[PROVIDED MATERIAL — start]
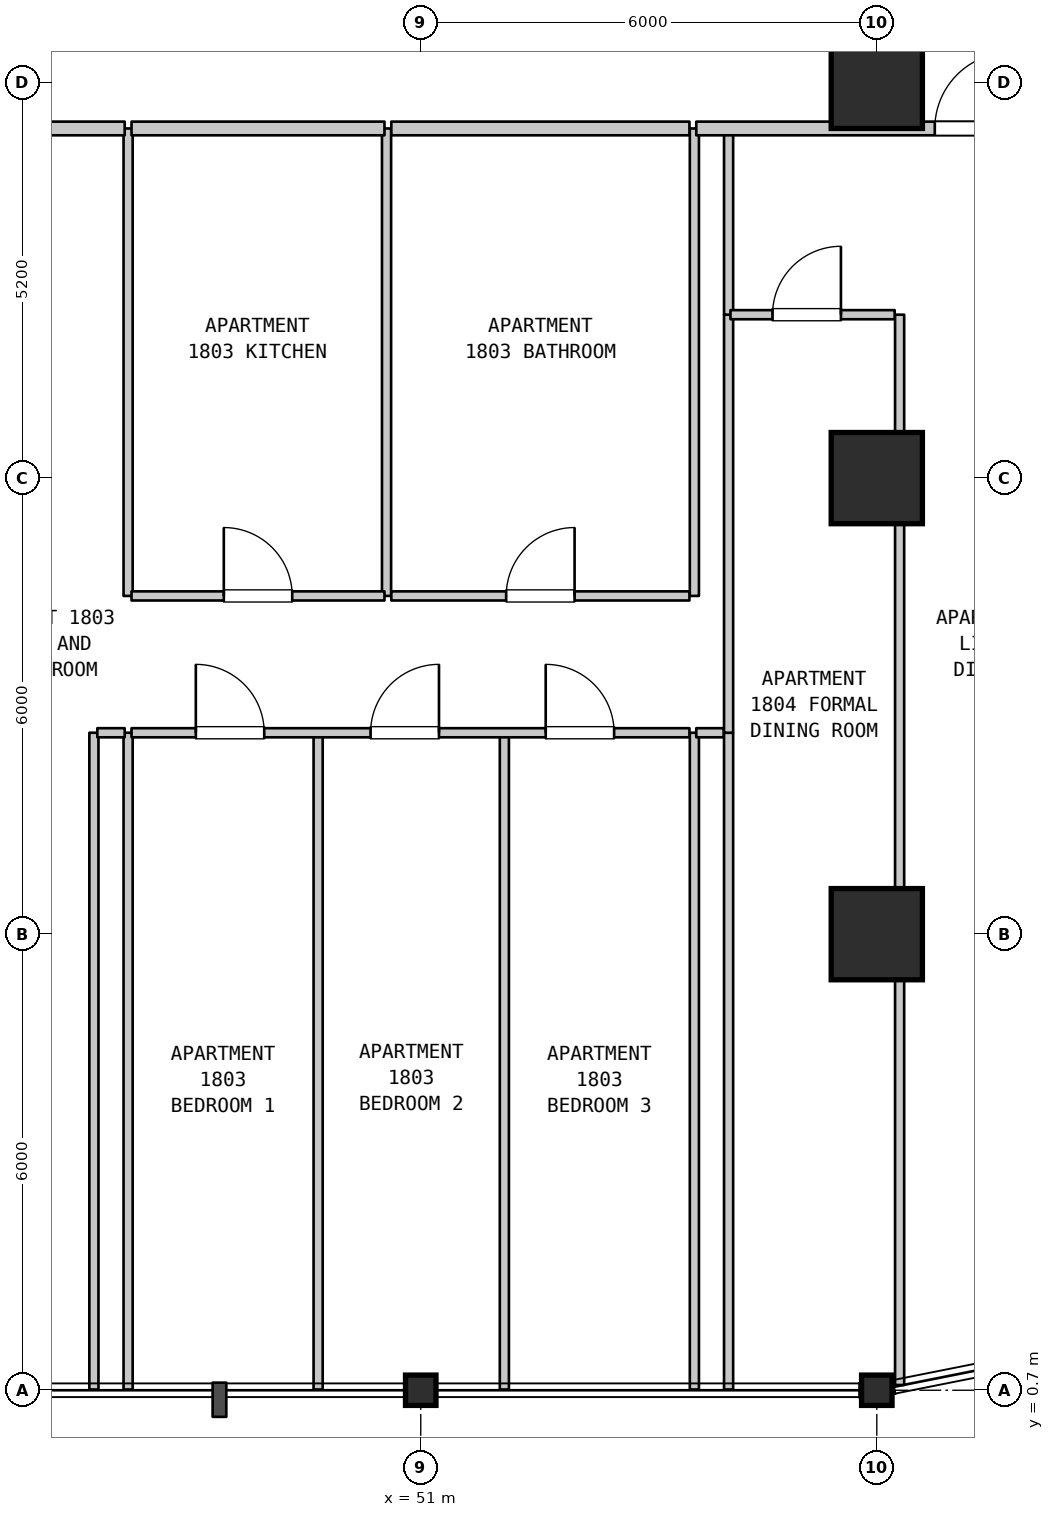
"""IFC4 building model, lengths in metres.
Left out: names, types, materials, properties, quantities, classifications, styles, units other than length and angle.
Written with IfcOpenShell. Run it as: python <this file> out.ifc"""

import sys

from ifc_helpers import new_model, si_unit, direction, frame, frame_2d, origin, origin_2d, place, context, subcontext, project, spatial, rectangle, i_section, extrude, element, fill, save


model = new_model("IFC4")
c1 = context("Model", 3, precision=1e-05, world=origin(), true_north=direction((0.0, 1.0)))
c2 = subcontext(c1, "Body", "Model", "MODEL_VIEW")
j1 = project(units=[si_unit("LENGTHUNIT", "METRE"), si_unit("PLANEANGLEUNIT", "RADIAN")], contexts=[c1])
p1 = place(None, origin())
s1 = spatial("IfcSite", under=j1, at=p1, CompositionType="ELEMENT")
p2 = place(p1, origin())
s2 = spatial("IfcBuilding", under=s1, at=p2, CompositionType="ELEMENT")
p3 = place(p2, frame((0.0, 0.0, 77.5)))
s3 = spatial("IfcBuildingStorey", under=s2, at=p3, CompositionType="ELEMENT", Elevation=77.5)
for number, where, z_axis, x_axis in (
    (1, (51.0, 0.7, 0.0), (0.0, 0.0, 1.0), (1.0, 0.0, 0.0)),
    (2, (57.0, 0.7, 0.0), (0.0, 0.0, 1.0), (1.0, 0.0, 0.0)),
):
    element("IfcColumn", number, at=place(p3, frame(where, z_axis=z_axis, x_axis=x_axis)), inside=s3, PredefinedType="COLUMN", context=c2, shape_type="SweptSolid", body=[
        extrude(i_section(OverallWidth=0.401, OverallDepth=0.399, WebThickness=0.025, FlangeThickness=0.04, FilletRadius=0.015, at=origin_2d()), origin(), (0.0, 0.0, 1.0), 3.7),
    ])
for number, where, z_axis, x_axis in (
    (3, (57.0, 6.7, 0.0), (0.0, 0.0, 1.0), (1.0, 0.0, 0.0)),
    (4, (57.0, 12.7, 0.0), (0.0, 0.0, 1.0), (1.0, 0.0, 0.0)),
    (5, (57.0, 17.9, 0.0), (0.0, 0.0, 1.0), (1.0, 0.0, 0.0)),
):
    element("IfcColumn", number, at=place(p3, frame(where, z_axis=z_axis, x_axis=x_axis)), inside=s3, PredefinedType="COLUMN", context=c2, shape_type="SweptSolid", body=[
        extrude(rectangle(XDim=1.2, YDim=1.2, at=origin_2d()), origin(), (0.0, 0.0, 1.0), 3.7),
    ])
for number, where, z_axis, x_axis in (
    (6, (46.7, 0.71, 0.0), (0.0, 0.0, 1.0), (0.0, 1.0, 0.0)),
    (7, (47.15, 0.71, 0.0), (0.0, 0.0, 1.0), (0.0, 1.0, 0.0)),
):
    element("IfcWall", number, at=place(p3, frame(where, z_axis=z_axis, x_axis=x_axis)), inside=s3, PredefinedType="PARTITIONING", context=c2, shape_type="SweptSolid", body=[
        extrude(rectangle(XDim=8.64, YDim=0.12, at=frame_2d((4.32, 0.0))), origin(), (0.0, 0.0, 1.0), 3.28),
    ])
p4 = place(p3, frame((47.15, 11.15, 0.0), z_axis=(0.0, 0.0, 1.0), x_axis=(0.0, 1.0, 0.0)))
e8 = element("IfcWall", 8, at=p4, inside=s3, PredefinedType="PARTITIONING", context=c2, shape_type="SweptSolid", body=[
    extrude(rectangle(XDim=6.15, YDim=0.12, at=frame_2d((3.075, 0.0))), origin(), (0.0, 0.0, 1.0), 3.28),
])
p5 = place(p3, frame((49.65, 0.71, 0.0), z_axis=(0.0, 0.0, 1.0), x_axis=(0.0, 1.0, 0.0)))
e9 = element("IfcWall", 9, at=p5, inside=s3, PredefinedType="PARTITIONING", context=c2, shape_type="SweptSolid", body=[
    extrude(rectangle(XDim=8.64, YDim=0.12, at=frame_2d((4.32, 0.0))), origin(), (0.0, 0.0, 1.0), 3.28),
])
p6 = place(p3, frame((50.55, 11.15, 0.0), z_axis=(0.0, 0.0, 1.0), x_axis=(0.0, 1.0, 0.0)))
e10 = element("IfcWall", 10, at=p6, inside=s3, PredefinedType="PARTITIONING", context=c2, shape_type="SweptSolid", body=[
    extrude(rectangle(XDim=6.15, YDim=0.12, at=frame_2d((3.075, 0.0))), origin(), (0.0, 0.0, 1.0), 3.28),
])
for number, where, z_axis, x_axis in (
    (11, (52.1, 0.71, 0.0), (0.0, 0.0, 1.0), (0.0, 1.0, 0.0)),
    (12, (54.6, 0.71, 0.0), (0.0, 0.0, 1.0), (0.0, 1.0, 0.0)),
):
    element("IfcWall", number, at=place(p3, frame(where, z_axis=z_axis, x_axis=x_axis)), inside=s3, PredefinedType="PARTITIONING", context=c2, shape_type="SweptSolid", body=[
        extrude(rectangle(XDim=8.64, YDim=0.12, at=frame_2d((4.32, 0.0))), origin(), (0.0, 0.0, 1.0), 3.28),
    ])
p7 = place(p3, frame((54.6, 11.15, 0.0), z_axis=(0.0, 0.0, 1.0), x_axis=(0.0, 1.0, 0.0)))
e13 = element("IfcWall", 13, at=p7, inside=s3, PredefinedType="PARTITIONING", context=c2, shape_type="SweptSolid", body=[
    extrude(rectangle(XDim=6.15, YDim=0.12, at=frame_2d((3.075, 0.0))), origin(), (0.0, 0.0, 1.0), 3.28),
])
p8 = place(p3, frame((55.05, 0.71, 0.0), z_axis=(0.0, 0.0, 1.0), x_axis=(0.0, 1.0, 0.0)))
e14 = element("IfcWall", 14, at=p8, inside=s3, PredefinedType="PARTITIONING", context=c2, shape_type="SweptSolid", body=[
    extrude(rectangle(XDim=8.64, YDim=0.12, at=frame_2d((4.32, 0.0))), origin(), (0.0, 0.0, 1.0), 3.28),
])
p9 = place(p3, frame((55.05, 9.35, 0.0), z_axis=(0.0, 0.0, 1.0), x_axis=(0.0, 1.0, 0.0)))
e15 = element("IfcWall", 15, at=p9, inside=s3, PredefinedType="PARTITIONING", context=c2, shape_type="SweptSolid", body=[
    extrude(rectangle(XDim=5.5, YDim=0.12, at=frame_2d((2.75, 0.0))), origin(), (0.0, 0.0, 1.0), 3.28),
])
p10 = place(p3, frame((55.05, 14.85, 0.0), z_axis=(0.0, 0.0, 1.0), x_axis=(0.0, 1.0, 0.0)))
e16 = element("IfcWall", 16, at=p10, inside=s3, PredefinedType="PARTITIONING", context=c2, shape_type="SweptSolid", body=[
    extrude(rectangle(XDim=2.45, YDim=0.12, at=frame_2d((1.225, 0.0))), origin(), (0.0, 0.0, 1.0), 3.28),
])
p11 = place(p3, frame((57.3, 0.769, 0.0), z_axis=(0.0, 0.0, 1.0), x_axis=(0.0, 1.0, 0.0)))
e17 = element("IfcWall", 17, at=p11, inside=s3, PredefinedType="PARTITIONING", context=c2, shape_type="SweptSolid", body=[
    extrude(rectangle(XDim=14.081, YDim=0.12, at=frame_2d((7.041, 0.0))), origin(), (0.0, 0.0, 1.0), 3.28),
])
p12 = place(p3, frame((46.745, 9.35, 0.0), z_axis=(0.0, 0.0, 1.0), x_axis=(1.0, 0.0, 0.0)))
e18 = element("IfcWall", 18, at=p12, inside=s3, PredefinedType="PARTITIONING", context=c2, shape_type="SweptSolid", body=[
    extrude(rectangle(XDim=0.36, YDim=0.12, at=frame_2d((0.18, 0.0))), origin(), (0.0, 0.0, 1.0), 3.28),
])
p13 = place(p3, frame((47.195, 9.35, 0.0), z_axis=(0.0, 0.0, 1.0), x_axis=(1.0, 0.0, 0.0)))
e19 = element("IfcWall", 19, at=p13, inside=s3, PredefinedType="PARTITIONING", context=c2, shape_type="SweptSolid", body=[
    extrude(rectangle(XDim=7.34, YDim=0.12, at=frame_2d((3.67, 0.0))), origin(), (0.0, 0.0, 1.0), 3.28),
])
p14 = place(p13, frame((0.846, 0.0, 0.0)))
e20 = element("IfcOpeningElement", 20, at=p14, cuts=e19, PredefinedType="OPENING", context=c2, shape_type="SweptSolid", body=[
    extrude(rectangle(XDim=0.9, YDim=2.15, at=frame_2d((0.45, 1.075))), frame((0.0, 0.07, 0.0), z_axis=(0.0, -1.0, 0.0), x_axis=(1.0, 0.0, 0.0)), (0.0, 0.0, 1.0), 0.14),
])
p15 = place(p13, frame((3.145, 0.0, 0.0)))
e21 = element("IfcOpeningElement", 21, at=p15, cuts=e19, PredefinedType="OPENING", context=c2, shape_type="SweptSolid", body=[
    extrude(rectangle(XDim=0.9, YDim=2.15, at=frame_2d((0.45, 1.075))), frame((0.0, 0.07, 0.0), z_axis=(0.0, -1.0, 0.0), x_axis=(1.0, 0.0, 0.0)), (0.0, 0.0, 1.0), 0.14),
])
p16 = place(p13, frame((5.449, 0.0, 0.0)))
e22 = element("IfcOpeningElement", 22, at=p16, cuts=e19, PredefinedType="OPENING", context=c2, shape_type="SweptSolid", body=[
    extrude(rectangle(XDim=0.9, YDim=2.15, at=frame_2d((0.45, 1.075))), frame((0.0, 0.07, 0.0), z_axis=(0.0, -1.0, 0.0), x_axis=(1.0, 0.0, 0.0)), (0.0, 0.0, 1.0), 0.14),
])
p17 = place(p3, frame((54.625, 9.35, 0.0), z_axis=(0.0, 0.0, 1.0), x_axis=(1.0, 0.0, 0.0)))
e23 = element("IfcWall", 23, at=p17, inside=s3, PredefinedType="PARTITIONING", context=c2, shape_type="SweptSolid", body=[
    extrude(rectangle(XDim=0.36, YDim=0.12, at=frame_2d((0.18, 0.0))), origin(), (0.0, 0.0, 1.0), 3.28),
])
p18 = place(p3, frame((47.195, 11.15, 0.0), z_axis=(0.0, 0.0, 1.0), x_axis=(1.0, 0.0, 0.0)))
e24 = element("IfcWall", 24, at=p18, inside=s3, PredefinedType="PARTITIONING", context=c2, shape_type="SweptSolid", body=[
    extrude(rectangle(XDim=3.328, YDim=0.12, at=frame_2d((1.664, 0.0))), origin(), (0.0, 0.0, 1.0), 3.28),
])
p19 = place(p18, frame((1.214, 0.0, 0.0)))
e25 = element("IfcOpeningElement", 25, at=p19, cuts=e24, PredefinedType="OPENING", context=c2, shape_type="SweptSolid", body=[
    extrude(rectangle(XDim=0.9, YDim=2.15, at=frame_2d((0.45, 1.075))), frame((0.0, 0.07, 0.0), z_axis=(0.0, -1.0, 0.0), x_axis=(1.0, 0.0, 0.0)), (0.0, 0.0, 1.0), 0.14),
])
p20 = place(p3, frame((50.613, 11.15, 0.0), z_axis=(0.0, 0.0, 1.0), x_axis=(1.0, 0.0, 0.0)))
e26 = element("IfcWall", 26, at=p20, inside=s3, PredefinedType="PARTITIONING", context=c2, shape_type="SweptSolid", body=[
    extrude(rectangle(XDim=3.922, YDim=0.12, at=frame_2d((1.961, 0.0))), origin(), (0.0, 0.0, 1.0), 3.28),
])
p21 = place(p20, frame((1.511, 0.0, 0.0)))
e27 = element("IfcOpeningElement", 27, at=p21, cuts=e26, PredefinedType="OPENING", context=c2, shape_type="SweptSolid", body=[
    extrude(rectangle(XDim=0.9, YDim=2.1, at=frame_2d((0.45, 1.05))), frame((0.0, 0.07, 0.0), z_axis=(0.0, -1.0, 0.0), x_axis=(1.0, 0.0, 0.0)), (0.0, 0.0, 1.0), 0.14),
])
p22 = place(p3, frame((55.075, 14.85, 0.0), z_axis=(0.0, 0.0, 1.0), x_axis=(1.0, 0.0, 0.0)))
e28 = element("IfcWall", 28, at=p22, inside=s3, PredefinedType="PARTITIONING", context=c2, shape_type="SweptSolid", body=[
    extrude(rectangle(XDim=2.16, YDim=0.12, at=frame_2d((1.08, 0.0))), origin(), (0.0, 0.0, 1.0), 3.28),
])
p23 = place(p22, frame((0.553, 0.0, 0.0)))
e29 = element("IfcOpeningElement", 29, at=p23, cuts=e28, PredefinedType="OPENING", context=c2, shape_type="SweptSolid", body=[
    extrude(rectangle(XDim=0.9, YDim=2.15, at=frame_2d((0.45, 1.075))), frame((0.0, 0.07, 0.0), z_axis=(0.0, -1.0, 0.0), x_axis=(1.0, 0.0, 0.0)), (0.0, 0.0, 1.0), 0.14),
])
p24 = place(p3, frame((41.805, 17.3, 0.0), z_axis=(0.0, 0.0, 1.0), x_axis=(1.0, 0.0, 0.0)))
e30 = element("IfcWall", 30, at=p24, inside=s3, PredefinedType="STANDARD", context=c2, shape_type="SweptSolid", body=[
    extrude(rectangle(XDim=5.3, YDim=0.18, at=frame_2d((2.65, 0.0))), origin(), (0.0, 0.0, 1.0), 3.28),
])
p25 = place(p24, frame((2.35, 0.0, 0.0)))
e31 = element("IfcOpeningElement", 31, at=p25, cuts=e30, PredefinedType="OPENING", context=c2, shape_type="SweptSolid", body=[
    extrude(rectangle(XDim=1.0, YDim=2.15, at=frame_2d((0.5, 1.075))), frame((0.0, 0.1, 0.0), z_axis=(0.0, -1.0, 0.0), x_axis=(1.0, 0.0, 0.0)), (0.0, 0.0, 1.0), 0.2),
])
p26 = place(p3, frame((47.195, 17.3, 0.0), z_axis=(0.0, 0.0, 1.0), x_axis=(1.0, 0.0, 0.0)))
e32 = element("IfcWall", 32, at=p26, inside=s3, PredefinedType="STANDARD", context=c2, shape_type="SweptSolid", body=[
    extrude(rectangle(XDim=3.328, YDim=0.18, at=frame_2d((1.664, 0.0))), origin(), (0.0, 0.0, 1.0), 3.28),
])
p27 = place(p3, frame((50.613, 17.3, 0.0), z_axis=(0.0, 0.0, 1.0), x_axis=(1.0, 0.0, 0.0)))
e33 = element("IfcWall", 33, at=p27, inside=s3, PredefinedType="STANDARD", context=c2, shape_type="SweptSolid", body=[
    extrude(rectangle(XDim=3.922, YDim=0.18, at=frame_2d((1.961, 0.0))), origin(), (0.0, 0.0, 1.0), 3.28),
])
p28 = place(p3, frame((54.625, 17.3, 0.0), z_axis=(0.0, 0.0, 1.0), x_axis=(1.0, 0.0, 0.0)))
e34 = element("IfcWall", 34, at=p28, inside=s3, PredefinedType="STANDARD", context=c2, shape_type="SweptSolid", body=[
    extrude(rectangle(XDim=5.545, YDim=0.18, at=frame_2d((2.772, 0.0))), origin(), (0.0, 0.0, 1.0), 3.28),
])
p29 = place(p28, frame((3.138, 0.0, 0.0)))
e35 = element("IfcOpeningElement", 35, at=p29, cuts=e34, PredefinedType="OPENING", context=c2, shape_type="SweptSolid", body=[
    extrude(rectangle(XDim=1.0, YDim=2.15, at=frame_2d((0.5, 1.075))), frame((0.0, 0.1, 0.0), z_axis=(0.0, -1.0, 0.0), x_axis=(1.0, 0.0, 0.0)), (0.0, 0.0, 1.0), 0.2),
])
p30 = place(p14, origin())
e36 = element("IfcDoor", 36, at=p30, inside=s3, OperationType="SINGLE_SWING_LEFT", PredefinedType="DOOR", context=c2, shape_type="SweptSolid", body=[
    extrude(rectangle(XDim=0.9, YDim=2.15, at=frame_2d((0.45, 1.075))), frame((0.0, 0.025, 0.0), z_axis=(0.0, -1.0, 0.0), x_axis=(1.0, 0.0, 0.0)), (0.0, 0.0, 1.0), 0.05),
])
fill(e20, e36)
p31 = place(p15, origin())
e37 = element("IfcDoor", 37, at=p31, inside=s3, OperationType="SINGLE_SWING_RIGHT", PredefinedType="DOOR", context=c2, shape_type="SweptSolid", body=[
    extrude(rectangle(XDim=0.9, YDim=2.15, at=frame_2d((0.45, 1.075))), frame((0.0, 0.025, 0.0), z_axis=(0.0, -1.0, 0.0), x_axis=(1.0, 0.0, 0.0)), (0.0, 0.0, 1.0), 0.05),
])
fill(e21, e37)
p32 = place(p16, origin())
e38 = element("IfcDoor", 38, at=p32, inside=s3, OperationType="SINGLE_SWING_LEFT", PredefinedType="DOOR", context=c2, shape_type="SweptSolid", body=[
    extrude(rectangle(XDim=0.9, YDim=2.15, at=frame_2d((0.45, 1.075))), frame((0.0, 0.025, 0.0), z_axis=(0.0, -1.0, 0.0), x_axis=(1.0, 0.0, 0.0)), (0.0, 0.0, 1.0), 0.05),
])
fill(e22, e38)
p33 = place(p19, origin())
e39 = element("IfcDoor", 39, at=p33, inside=s3, OperationType="SINGLE_SWING_LEFT", PredefinedType="DOOR", context=c2, shape_type="SweptSolid", body=[
    extrude(rectangle(XDim=0.9, YDim=2.15, at=frame_2d((0.45, 1.075))), frame((0.0, 0.025, 0.0), z_axis=(0.0, -1.0, 0.0), x_axis=(1.0, 0.0, 0.0)), (0.0, 0.0, 1.0), 0.05),
])
fill(e25, e39)
p34 = place(p21, origin())
e40 = element("IfcDoor", 40, at=p34, inside=s3, OperationType="SINGLE_SWING_RIGHT", PredefinedType="DOOR", context=c2, shape_type="SweptSolid", body=[
    extrude(rectangle(XDim=0.9, YDim=2.1, at=frame_2d((0.45, 1.05))), frame((0.0, 0.025, 0.0), z_axis=(0.0, -1.0, 0.0), x_axis=(1.0, 0.0, 0.0)), (0.0, 0.0, 1.0), 0.05),
])
fill(e27, e40)
p35 = place(p23, origin())
e41 = element("IfcDoor", 41, at=p35, inside=s3, OperationType="SINGLE_SWING_RIGHT", PredefinedType="DOOR", context=c2, shape_type="SweptSolid", body=[
    extrude(rectangle(XDim=0.9, YDim=2.15, at=frame_2d((0.45, 1.075))), frame((0.0, 0.025, 0.0), z_axis=(0.0, -1.0, 0.0), x_axis=(1.0, 0.0, 0.0)), (0.0, 0.0, 1.0), 0.05),
])
fill(e29, e41)
p36 = place(p29, origin())
e42 = element("IfcDoor", 42, at=p36, inside=s3, OperationType="SINGLE_SWING_RIGHT", PredefinedType="DOOR", context=c2, shape_type="SweptSolid", body=[
    extrude(rectangle(XDim=1.0, YDim=2.15, at=frame_2d((0.5, 1.075))), frame((0.0, 0.025, 0.0), z_axis=(0.0, -1.0, 0.0), x_axis=(1.0, 0.0, 0.0)), (0.0, 0.0, 1.0), 0.05),
])
fill(e35, e42)
save(model, sys.argv[1])
[PROVIDED MATERIAL — finish]
PROBLEM TO SOLVE |
Once you have counted every line above that contains the string "CompositionType", give that number and nothing more.

YOUR SOLUTION |
3